= Records shown =
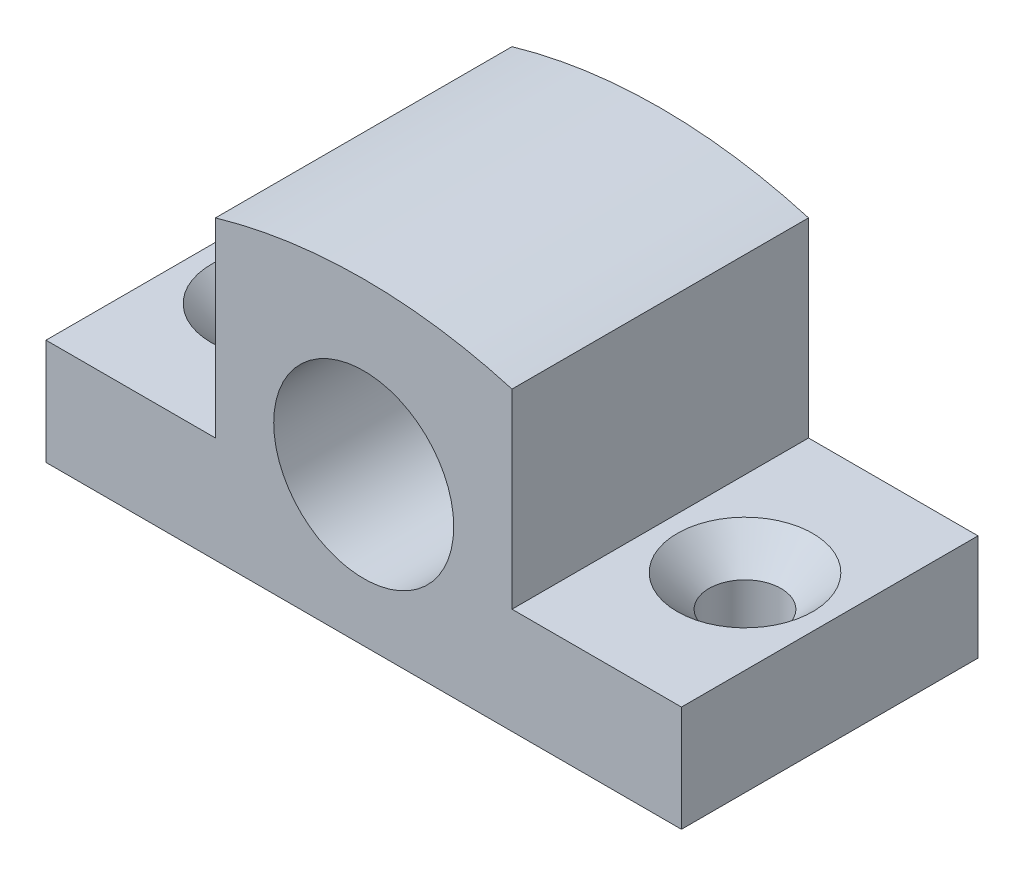
SolidWorks part; units mm, degrees
material "AL6061"
ref_plane "前视基准面" through (0, 0, 0) normal (0, 0, 1) x (1, 0, 0)
ref_plane "上视基准面" through (0, 0, 0) normal (0, 1, 0) x (1, 0, 0)
ref_plane "右视基准面" through (0, 0, 0) normal (1, 0, 0) x (0, 0, -1)
sketch "草图1" plane through (0, 0, 0) normal (0, 0, 1) x (1, 0, 0)
  line L0 (-18.0481, 0) -> (16.7647, 0) construction
  line L1 (0, 9.4652) -> (0, -8.3422) construction
  line L2 (-15, 5) -> (-7, 5)
  line L3 (7, 5) -> (7, 14)
  line L4 (-15, 5) -> (-15, 0)
  line L5 (-15, 0) -> (15, 0)
  line L6 (15, 5) -> (15, 0)
  line L7 (-7, 5) -> (-7, 14)
  line L8 (15, 5) -> (7, 5)
  arc A0 (-7, 14) -> (7, 14) centre (0, -10) cw
  dimension "D4" = 15
  dimension "D5" = 25
  dimension "D1" = 30
  dimension "D2" = 5
  dimension "D3" = 14
extrude "凸台-拉伸1" add sketch "草图1" along normal mid plane 14
hole_wizard "打孔尺寸开槽半沉头螺钉的类型1" positions "草图2" profile "草图3" countersink size "M3" standard "GB" end condition through all
sketch "草图2" plane through (0, 5, 0) normal (0, 1, 0) x (1, 0, 0)
  line L0 (0, 32.3351) -> (0, -35.9769) construction
  line L2 (-16.0611, 0) -> (20.5627, 0) construction
  point P0 (-11, 0)
  point P10 (11, 0)
  dimension "D2" = 22
sketch "草图3" plane through (-11, 5, 0) normal (1, 0, 0) x (0, 0, 1)
  line L0 (0, 0) -> (0, 5)
  line L1 (0, 5) -> (1.7, 5)
  line L2 (1.7, 5) -> (1.7, 1.5)
  line L3 (1.7, 1.5) -> (3.2, 0)
  line L5 (3.2, 0) -> (0, 0)
  line L6 (-1.7, 1.5) -> (-3.2, 0) construction
  line L11 (0, -6.35) -> (0, 107.95) construction
  dimension "通孔孔直径" = 3.4
  dimension "通孔孔深度" = 5
  dimension "近端锥形沉头孔直径" = 6.4
  dimension "近端锥形沉头孔角度" = 90
sketch "草图5" plane through (0, 0, 7) normal (0, 0, 1) x (1, 0, 0)
  line L0 (0, 14.8719) -> (0, -1.5564) construction
  line L1 (-15, 0) -> (15, 0) construction
  circle A0 centre (0, 7) radius 4.25
  dimension "D1" = 7
  dimension "D2" = 8.5
extrude "切除-拉伸1" cut sketch "草图5" against normal through all

= Exercise prompt =
If a line of the listing contains the string "dimension", count it; then report the total alone.

= Exercise solution =
12